▶ **Problem to solve**
Look through the records and copy every line in which "IfcWindow" appears.

Dataset items:
================

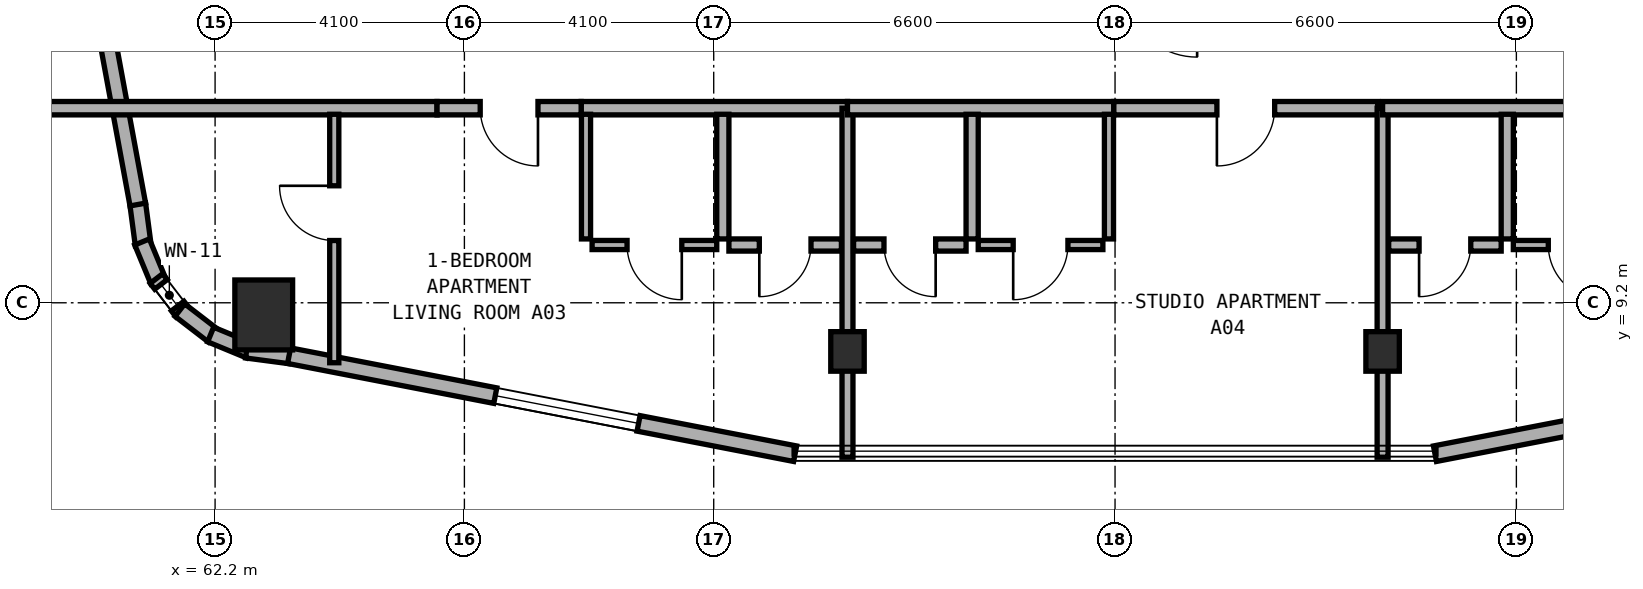
"""IFC4 building model, lengths in metres.
Left out: names, types, materials, properties, quantities, classifications, styles, units other than length and angle.
Written with IfcOpenShell. Run it as: python <this file> out.ifc"""

import sys

from ifc_helpers import new_model, si_unit, direction, frame, frame_2d, origin, origin_2d, place, context, subcontext, project, spatial, rectangle, extrude, element, fill, save


model = new_model("IFC4")
c1 = context("Model", 3, precision=1e-05, world=origin(), true_north=direction((0.0, 1.0)))
c2 = subcontext(c1, "Body", "Model", "MODEL_VIEW")
j1 = project(units=[si_unit("LENGTHUNIT", "METRE"), si_unit("PLANEANGLEUNIT", "RADIAN")], contexts=[c1])
p1 = place(None, origin())
s1 = spatial("IfcSite", under=j1, at=p1, CompositionType="ELEMENT")
p2 = place(p1, origin())
s2 = spatial("IfcBuilding", under=s1, at=p2, CompositionType="ELEMENT")
p3 = place(p2, frame((0.0, 0.0, 109.0)))
s3 = spatial("IfcBuildingStorey", under=s2, at=p3, CompositionType="ELEMENT", Elevation=109.0)
for number, where, z_axis, x_axis in (
    (1, (72.6, 8.4, 0.0), (0.0, 0.0, 1.0), (1.0, 0.0, 0.0)),
    (2, (81.4, 8.4, 0.0), (0.0, 0.0, 1.0), (1.0, 0.0, 0.0)),
):
    element("IfcColumn", number, at=place(p3, frame(where, z_axis=z_axis, x_axis=x_axis)), inside=s3, PredefinedType="COLUMN", context=c2, shape_type="SweptSolid", body=[
        extrude(rectangle(XDim=0.55, YDim=0.65, at=origin_2d()), origin(), (0.0, 0.0, 1.0), 3.5),
    ])
p4 = place(p3, frame((63.0, 9.0, 0.0), z_axis=(0.0, 0.0, 1.0), x_axis=(1.0, 0.0, 0.0)))
e3 = element("IfcColumn", 3, at=p4, inside=s3, PredefinedType="COLUMN", context=c2, shape_type="SweptSolid", body=[
    extrude(rectangle(XDim=0.95, YDim=1.15, at=origin_2d()), origin(), (0.0, 0.0, 1.0), 3.5),
])
p5 = place(p3, frame((60.928, 10.825, 0.0), z_axis=(0.0, 0.0, 1.0), x_axis=(0.131667498923, -0.991293937098, 0.0)))
e4 = element("IfcWall", 4, at=p5, inside=s3, PredefinedType="STANDARD", context=c2, shape_type="SweptSolid", body=[
    extrude(rectangle(XDim=0.677, YDim=0.26, at=frame_2d((0.338, 0.0))), origin(), (0.0, 0.0, 1.0), 3.25),
])
p6 = place(p3, frame((60.999, 10.2, 0.0), z_axis=(0.0, 0.0, 1.0), x_axis=(0.381988976935, -0.924166879681, 0.0)))
e5 = element("IfcWall", 5, at=p6, inside=s3, PredefinedType="STANDARD", context=c2, shape_type="SweptSolid", body=[
    extrude(rectangle(XDim=0.693, YDim=0.26, at=frame_2d((0.347, 0.0))), origin(), (0.0, 0.0, 1.0), 3.25),
])
p7 = place(p3, frame((61.236, 9.599, 0.0), z_axis=(0.0, 0.0, 1.0), x_axis=(0.609472651958, -0.792807092876, 0.0)))
e6 = element("IfcWall", 6, at=p7, inside=s3, PredefinedType="STANDARD", context=c2, shape_type="SweptSolid", body=[
    extrude(rectangle(XDim=0.694, YDim=0.26, at=frame_2d((0.347, 0.0))), origin(), (0.0, 0.0, 1.0), 3.25),
])
p8 = place(p7, frame((0.122, 0.0, 0.85)))
e7 = element("IfcOpeningElement", 7, at=p8, cuts=e6, PredefinedType="OPENING", context=c2, shape_type="SweptSolid", body=[
    extrude(rectangle(XDim=0.45, YDim=1.5, at=frame_2d((0.225, 0.75))), frame((0.0, 0.14, 0.0), z_axis=(0.0, -1.0, 0.0), x_axis=(1.0, 0.0, 0.0)), (0.0, 0.0, 1.0), 0.28),
])
p9 = place(p3, frame((61.621, 9.08, 0.0), z_axis=(0.0, 0.0, 1.0), x_axis=(0.792506234191, -0.609863811657, 0.0)))
e8 = element("IfcWall", 8, at=p9, inside=s3, PredefinedType="STANDARD", context=c2, shape_type="SweptSolid", body=[
    extrude(rectangle(XDim=0.694, YDim=0.26, at=frame_2d((0.347, 0.0))), origin(), (0.0, 0.0, 1.0), 3.25),
])
p10 = place(p3, frame((62.127, 8.678, 0.0), z_axis=(0.0, 0.0, 1.0), x_axis=(0.92421822618, -0.381864727877, 0.0)))
e9 = element("IfcWall", 9, at=p10, inside=s3, PredefinedType="STANDARD", context=c2, shape_type="SweptSolid", body=[
    extrude(rectangle(XDim=0.694, YDim=0.26, at=frame_2d((0.347, 0.0))), origin(), (0.0, 0.0, 1.0), 3.25),
])
p11 = place(p3, frame((62.719, 8.421, 0.0), z_axis=(0.0, 0.0, 1.0), x_axis=(0.991433279471, -0.130614135366, 0.0)))
e10 = element("IfcWall", 10, at=p11, inside=s3, PredefinedType="STANDARD", context=c2, shape_type="SweptSolid", body=[
    extrude(rectangle(XDim=0.712, YDim=0.26, at=frame_2d((0.356, 0.0))), origin(), (0.0, 0.0, 1.0), 3.25),
])
p12 = place(p3, frame((63.417, 8.33, 0.0), z_axis=(0.0, 0.0, 1.0), x_axis=(0.981750199588, -0.190175039396, 0.0)))
e11 = element("IfcWall", 11, at=p12, inside=s3, PredefinedType="STANDARD", context=c2, shape_type="SweptSolid", body=[
    extrude(rectangle(XDim=8.477, YDim=0.26, at=frame_2d((4.238, 0.0))), origin(), (0.0, 0.0, 1.0), 3.25),
])
p13 = place(p12, frame((3.454, 0.0, 0.8)))
e12 = element("IfcOpeningElement", 12, at=p13, cuts=e11, PredefinedType="OPENING", context=c2, shape_type="SweptSolid", body=[
    extrude(rectangle(XDim=2.4, YDim=1.6, at=frame_2d((1.2, 0.8))), frame((0.0, 0.14, 0.0), z_axis=(0.0, -1.0, 0.0), x_axis=(1.0, 0.0, 0.0)), (0.0, 0.0, 1.0), 0.28),
])
p14 = place(p3, frame((82.261, 6.718, 0.0), z_axis=(0.0, 0.0, 1.0), x_axis=(0.981750199588, 0.190175039396, 0.0)))
e13 = element("IfcWall", 13, at=p14, inside=s3, PredefinedType="STANDARD", context=c2, shape_type="SweptSolid", body=[
    extrude(rectangle(XDim=8.477, YDim=0.26, at=frame_2d((4.238, 0.0))), origin(), (0.0, 0.0, 1.0), 3.25),
])
p15 = place(p14, frame((2.623, 0.0, 0.8)))
e14 = element("IfcOpeningElement", 14, at=p15, cuts=e13, PredefinedType="OPENING", context=c2, shape_type="SweptSolid", body=[
    extrude(rectangle(XDim=2.4, YDim=1.6, at=frame_2d((1.2, 0.8))), frame((0.0, 0.14, 0.0), z_axis=(0.0, -1.0, 0.0), x_axis=(1.0, 0.0, 0.0)), (0.0, 0.0, 1.0), 0.28),
])
p16 = place(p3, frame((59.318, 19.558, 0.0), z_axis=(0.0, 0.0, 1.0), x_axis=(0.181209963057, -0.983444431215, 0.0)))
e15 = element("IfcWall", 15, at=p16, inside=s3, PredefinedType="STANDARD", context=c2, shape_type="SweptSolid", body=[
    extrude(rectangle(XDim=8.889, YDim=0.26, at=frame_2d((4.445, 0.0))), origin(), (0.0, 0.0, 1.0), 3.25),
])
p17 = place(p16, frame((1.444, 0.0, 0.8)))
e16 = element("IfcOpeningElement", 16, at=p17, cuts=e15, PredefinedType="OPENING", context=c2, shape_type="SweptSolid", body=[
    extrude(rectangle(XDim=2.4, YDim=1.6, at=frame_2d((1.2, 0.8))), frame((0.0, 0.14, 0.0), z_axis=(0.0, -1.0, 0.0), x_axis=(1.0, 0.0, 0.0)), (0.0, 0.0, 1.0), 0.28),
])
p18 = place(p3, frame((59.36, 12.4, 0.0), z_axis=(0.0, 0.0, 1.0), x_axis=(1.0, 0.0, 0.0)))
e17 = element("IfcWall", 17, at=p18, inside=s3, PredefinedType="SOLIDWALL", context=c2, shape_type="SweptSolid", body=[
    extrude(rectangle(XDim=6.49, YDim=0.22, at=frame_2d((3.245, 0.0))), origin(), (0.0, 0.0, 1.0), 2.945),
])
p19 = place(p3, frame((68.22, 12.4, 0.0), z_axis=(0.0, 0.0, 1.0), x_axis=(1.0, 0.0, 0.0)))
e18 = element("IfcWall", 18, at=p19, inside=s3, PredefinedType="SOLIDWALL", context=c2, shape_type="SweptSolid", body=[
    extrude(rectangle(XDim=4.38, YDim=0.22, at=frame_2d((2.19, 0.0))), origin(), (0.0, 0.0, 1.0), 2.825),
])
p20 = place(p3, frame((65.85, 12.4, 0.0), z_axis=(0.0, 0.0, 1.0), x_axis=(1.0, 0.0, 0.0)))
e19 = element("IfcWall", 19, at=p20, inside=s3, PredefinedType="SOLIDWALL", context=c2, shape_type="SweptSolid", body=[
    extrude(rectangle(XDim=2.37, YDim=0.22, at=frame_2d((1.185, 0.0))), origin(), (0.0, 0.0, 1.0), 3.22),
])
p21 = place(p20, frame((0.71, 0.0, 0.0)))
e20 = element("IfcOpeningElement", 20, at=p21, cuts=e19, PredefinedType="OPENING", context=c2, shape_type="SweptSolid", body=[
    extrude(rectangle(XDim=0.95, YDim=2.1, at=frame_2d((0.475, 1.05))), frame((0.0, 0.12, 0.0), z_axis=(0.0, -1.0, 0.0), x_axis=(1.0, 0.0, 0.0)), (0.0, 0.0, 1.0), 0.24),
])
p22 = place(p3, frame((64.16, 8.214, 0.0), z_axis=(0.0, 0.0, 1.0), x_axis=(0.0, 1.0, 0.0)))
e21 = element("IfcWall", 21, at=p22, inside=s3, PredefinedType="PARTITIONING", context=c2, shape_type="SweptSolid", body=[
    extrude(rectangle(XDim=4.086, YDim=0.15, at=frame_2d((2.043, 0.0))), origin(), (0.0, 0.0, 1.0), 2.945),
])
p23 = place(p22, frame((2.01, 0.0, 0.0)))
e22 = element("IfcOpeningElement", 22, at=p23, cuts=e21, PredefinedType="OPENING", context=c2, shape_type="SweptSolid", body=[
    extrude(rectangle(XDim=0.9, YDim=2.1, at=frame_2d((0.45, 1.05))), frame((0.0, 0.085, 0.0), z_axis=(0.0, -1.0, 0.0), x_axis=(1.0, 0.0, 0.0)), (0.0, 0.0, 1.0), 0.17),
])
p24 = place(p3, frame((70.55, 10.25, 0.0), z_axis=(0.0, 0.0, 1.0), x_axis=(0.0, 1.0, 0.0)))
e23 = element("IfcWall", 23, at=p24, inside=s3, PredefinedType="PLUMBINGWALL", context=c2, shape_type="SweptSolid", body=[
    extrude(rectangle(XDim=2.05, YDim=0.2, at=frame_2d((1.025, 0.0))), origin(), (0.0, 0.0, 1.0), 3.22),
])
p25 = place(p3, frame((68.3, 10.25, 0.0), z_axis=(0.0, 0.0, 1.0), x_axis=(0.0, 1.0, 0.0)))
e24 = element("IfcWall", 24, at=p25, inside=s3, PredefinedType="PARTITIONING", context=c2, shape_type="SweptSolid", body=[
    extrude(rectangle(XDim=2.05, YDim=0.15, at=frame_2d((1.025, 0.0))), origin(), (0.0, 0.0, 1.0), 3.22),
])
p26 = place(p3, frame((70.65, 10.15, 0.0), z_axis=(0.0, 0.0, 1.0), x_axis=(1.0, 0.0, 0.0)))
e25 = element("IfcWall", 25, at=p26, inside=s3, PredefinedType="PLUMBINGWALL", context=c2, shape_type="SweptSolid", body=[
    extrude(rectangle(XDim=1.85, YDim=0.2, at=frame_2d((0.925, 0.0))), origin(), (0.0, 0.0, 1.0), 3.22),
])
p27 = place(p26, frame((0.5, 0.0, 0.0)))
e26 = element("IfcOpeningElement", 26, at=p27, cuts=e25, PredefinedType="OPENING", context=c2, shape_type="SweptSolid", body=[
    extrude(rectangle(XDim=0.85, YDim=2.1, at=frame_2d((0.425, 1.05))), frame((0.0, 0.11, 0.0), z_axis=(0.0, -1.0, 0.0), x_axis=(1.0, 0.0, 0.0)), (0.0, 0.0, 1.0), 0.22),
])
p28 = place(p3, frame((68.4, 10.15, 0.0), z_axis=(0.0, 0.0, 1.0), x_axis=(1.0, 0.0, 0.0)))
e27 = element("IfcWall", 27, at=p28, inside=s3, PredefinedType="PARTITIONING", context=c2, shape_type="SweptSolid", body=[
    extrude(rectangle(XDim=2.05, YDim=0.15, at=frame_2d((1.025, 0.0))), origin(), (0.0, 0.0, 1.0), 3.22),
])
p29 = place(p28, frame((0.575, 0.0, 0.0)))
e28 = element("IfcOpeningElement", 28, at=p29, cuts=e27, PredefinedType="OPENING", context=c2, shape_type="SweptSolid", body=[
    extrude(rectangle(XDim=0.9, YDim=2.1, at=frame_2d((0.45, 1.05))), frame((0.0, 0.085, 0.0), z_axis=(0.0, -1.0, 0.0), x_axis=(1.0, 0.0, 0.0)), (0.0, 0.0, 1.0), 0.17),
])
p30 = place(p3, frame((72.6, 6.66, 0.0), z_axis=(0.0, 0.0, 1.0), x_axis=(0.0, 1.0, 0.0)))
e29 = element("IfcWall", 29, at=p30, inside=s3, PredefinedType="SOLIDWALL", context=c2, shape_type="SweptSolid", body=[
    extrude(rectangle(XDim=5.74, YDim=0.18, at=frame_2d((2.87, 0.0))), origin(), (0.0, 0.0, 1.0), 2.825),
])
p31 = place(p3, frame((72.6, 12.4, 0.0), z_axis=(0.0, 0.0, 1.0), x_axis=(1.0, 0.0, 0.0)))
e30 = element("IfcWall", 30, at=p31, inside=s3, PredefinedType="SOLIDWALL", context=c2, shape_type="SweptSolid", body=[
    extrude(rectangle(XDim=4.38, YDim=0.22, at=frame_2d((2.19, 0.0))), origin(), (0.0, 0.0, 1.0), 2.825),
])
p32 = place(p3, frame((76.98, 12.4, 0.0), z_axis=(0.0, 0.0, 1.0), x_axis=(1.0, 0.0, 0.0)))
e31 = element("IfcWall", 31, at=p32, inside=s3, PredefinedType="SOLIDWALL", context=c2, shape_type="SweptSolid", body=[
    extrude(rectangle(XDim=4.34, YDim=0.22, at=frame_2d((2.17, 0.0))), origin(), (0.0, 0.0, 1.0), 2.825),
])
p33 = place(p32, frame((1.695, 0.0, 0.0)))
e32 = element("IfcOpeningElement", 32, at=p33, cuts=e31, PredefinedType="OPENING", context=c2, shape_type="SweptSolid", body=[
    extrude(rectangle(XDim=0.95, YDim=2.1, at=frame_2d((0.475, 1.05))), frame((0.0, 0.12, 0.0), z_axis=(0.0, -1.0, 0.0), x_axis=(1.0, 0.0, 0.0)), (0.0, 0.0, 1.0), 0.24),
])
p34 = place(p3, frame((74.65, 10.25, 0.0), z_axis=(0.0, 0.0, 1.0), x_axis=(0.0, 1.0, 0.0)))
e33 = element("IfcWall", 33, at=p34, inside=s3, PredefinedType="PLUMBINGWALL", context=c2, shape_type="SweptSolid", body=[
    extrude(rectangle(XDim=2.05, YDim=0.2, at=frame_2d((1.025, 0.0))), origin(), (0.0, 0.0, 1.0), 2.865),
])
p35 = place(p3, frame((76.9, 10.25, 0.0), z_axis=(0.0, 0.0, 1.0), x_axis=(0.0, 1.0, 0.0)))
e34 = element("IfcWall", 34, at=p35, inside=s3, PredefinedType="PARTITIONING", context=c2, shape_type="SweptSolid", body=[
    extrude(rectangle(XDim=2.05, YDim=0.15, at=frame_2d((1.025, 0.0))), origin(), (0.0, 0.0, 1.0), 2.865),
])
p36 = place(p3, frame((72.7, 10.15, 0.0), z_axis=(0.0, 0.0, 1.0), x_axis=(1.0, 0.0, 0.0)))
e35 = element("IfcWall", 35, at=p36, inside=s3, PredefinedType="PLUMBINGWALL", context=c2, shape_type="SweptSolid", body=[
    extrude(rectangle(XDim=1.85, YDim=0.2, at=frame_2d((0.925, 0.0))), origin(), (0.0, 0.0, 1.0), 3.22),
])
p37 = place(p36, frame((0.5, 0.0, 0.0)))
e36 = element("IfcOpeningElement", 36, at=p37, cuts=e35, PredefinedType="OPENING", context=c2, shape_type="SweptSolid", body=[
    extrude(rectangle(XDim=0.85, YDim=2.1, at=frame_2d((0.425, 1.05))), frame((0.0, 0.11, 0.0), z_axis=(0.0, -1.0, 0.0), x_axis=(1.0, 0.0, 0.0)), (0.0, 0.0, 1.0), 0.22),
])
p38 = place(p3, frame((74.75, 10.15, 0.0), z_axis=(0.0, 0.0, 1.0), x_axis=(1.0, 0.0, 0.0)))
e37 = element("IfcWall", 37, at=p38, inside=s3, PredefinedType="PARTITIONING", context=c2, shape_type="SweptSolid", body=[
    extrude(rectangle(XDim=2.05, YDim=0.15, at=frame_2d((1.025, 0.0))), origin(), (0.0, 0.0, 1.0), 3.22),
])
p39 = place(p38, frame((0.575, 0.0, 0.0)))
e38 = element("IfcOpeningElement", 38, at=p39, cuts=e37, PredefinedType="OPENING", context=c2, shape_type="SweptSolid", body=[
    extrude(rectangle(XDim=0.9, YDim=2.1, at=frame_2d((0.45, 1.05))), frame((0.0, 0.085, 0.0), z_axis=(0.0, -1.0, 0.0), x_axis=(1.0, 0.0, 0.0)), (0.0, 0.0, 1.0), 0.17),
])
p40 = place(p3, frame((81.4, 6.66, 0.0), z_axis=(0.0, 0.0, 1.0), x_axis=(0.0, 1.0, 0.0)))
e39 = element("IfcWall", 39, at=p40, inside=s3, PredefinedType="SOLIDWALL", context=c2, shape_type="SweptSolid", body=[
    extrude(rectangle(XDim=5.74, YDim=0.18, at=frame_2d((2.87, 0.0))), origin(), (0.0, 0.0, 1.0), 2.825),
])
p41 = place(p3, frame((81.4, 12.4, 0.0), z_axis=(0.0, 0.0, 1.0), x_axis=(1.0, 0.0, 0.0)))
e40 = element("IfcWall", 40, at=p41, inside=s3, PredefinedType="SOLIDWALL", context=c2, shape_type="SweptSolid", body=[
    extrude(rectangle(XDim=4.38, YDim=0.22, at=frame_2d((2.19, 0.0))), origin(), (0.0, 0.0, 1.0), 2.825),
])
p42 = place(p3, frame((83.45, 10.25, 0.0), z_axis=(0.0, 0.0, 1.0), x_axis=(0.0, 1.0, 0.0)))
e41 = element("IfcWall", 41, at=p42, inside=s3, PredefinedType="PLUMBINGWALL", context=c2, shape_type="SweptSolid", body=[
    extrude(rectangle(XDim=2.05, YDim=0.2, at=frame_2d((1.025, 0.0))), origin(), (0.0, 0.0, 1.0), 3.22),
])
p43 = place(p3, frame((81.5, 10.15, 0.0), z_axis=(0.0, 0.0, 1.0), x_axis=(1.0, 0.0, 0.0)))
e42 = element("IfcWall", 42, at=p43, inside=s3, PredefinedType="PLUMBINGWALL", context=c2, shape_type="SweptSolid", body=[
    extrude(rectangle(XDim=1.85, YDim=0.2, at=frame_2d((0.925, 0.0))), origin(), (0.0, 0.0, 1.0), 2.825),
])
p44 = place(p43, frame((0.5, 0.0, 0.0)))
e43 = element("IfcOpeningElement", 43, at=p44, cuts=e42, PredefinedType="OPENING", context=c2, shape_type="SweptSolid", body=[
    extrude(rectangle(XDim=0.85, YDim=2.1, at=frame_2d((0.425, 1.05))), frame((0.0, 0.11, 0.0), z_axis=(0.0, -1.0, 0.0), x_axis=(1.0, 0.0, 0.0)), (0.0, 0.0, 1.0), 0.22),
])
p45 = place(p3, frame((83.55, 10.15, 0.0), z_axis=(0.0, 0.0, 1.0), x_axis=(1.0, 0.0, 0.0)))
e44 = element("IfcWall", 44, at=p45, inside=s3, PredefinedType="PARTITIONING", context=c2, shape_type="SweptSolid", body=[
    extrude(rectangle(XDim=2.05, YDim=0.15, at=frame_2d((1.025, 0.0))), origin(), (0.0, 0.0, 1.0), 3.22),
])
p46 = place(p45, frame((0.575, 0.0, 0.0)))
e45 = element("IfcOpeningElement", 45, at=p46, cuts=e44, PredefinedType="OPENING", context=c2, shape_type="SweptSolid", body=[
    extrude(rectangle(XDim=0.9, YDim=2.1, at=frame_2d((0.45, 1.05))), frame((0.0, 0.085, 0.0), z_axis=(0.0, -1.0, 0.0), x_axis=(1.0, 0.0, 0.0)), (0.0, 0.0, 1.0), 0.17),
])
p47 = place(p13, origin())
e46 = element("IfcWindow", 46, at=p47, inside=s3, PartitioningType="SINGLE_PANEL", PredefinedType="WINDOW", context=c2, shape_type="SweptSolid", body=[
    extrude(rectangle(XDim=2.4, YDim=1.6, at=frame_2d((1.2, 0.8))), frame((0.0, 0.03, 0.0), z_axis=(0.0, -1.0, 0.0), x_axis=(1.0, 0.0, 0.0)), (0.0, 0.0, 1.0), 0.06),
])
fill(e12, e46)
p48 = place(p8, origin())
e47 = element("IfcWindow", 47, at=p48, inside=s3, PartitioningType="SINGLE_PANEL", PredefinedType="WINDOW", context=c2, shape_type="SweptSolid", body=[
    extrude(rectangle(XDim=0.45, YDim=1.5, at=frame_2d((0.225, 0.75))), frame((0.0, 0.03, 0.0), z_axis=(0.0, -1.0, 0.0), x_axis=(1.0, 0.0, 0.0)), (0.0, 0.0, 1.0), 0.06),
])
fill(e7, e47)
p49 = place(p21, frame((0.95, 0.0, 0.0), z_axis=(0.0, 0.0, 1.0), x_axis=(-1.0, 0.0, 0.0)))
e48 = element("IfcDoor", 48, at=p49, inside=s3, OperationType="SINGLE_SWING_LEFT", PredefinedType="DOOR", context=c2, shape_type="SweptSolid", body=[
    extrude(rectangle(XDim=0.95, YDim=2.1, at=frame_2d((0.475, 1.05))), frame((0.0, 0.025, 0.0), z_axis=(0.0, -1.0, 0.0), x_axis=(1.0, 0.0, 0.0)), (0.0, 0.0, 1.0), 0.05),
])
fill(e20, e48)
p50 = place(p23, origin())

================

▶ **Finished exercise**
e46 = element("IfcWindow", 46, at=p47, inside=s3, PartitioningType="SINGLE_PANEL", PredefinedType="WINDOW", context=c2, shape_type="SweptSolid", body=[
e47 = element("IfcWindow", 47, at=p48, inside=s3, PartitioningType="SINGLE_PANEL", PredefinedType="WINDOW", context=c2, shape_type="SweptSolid", body=[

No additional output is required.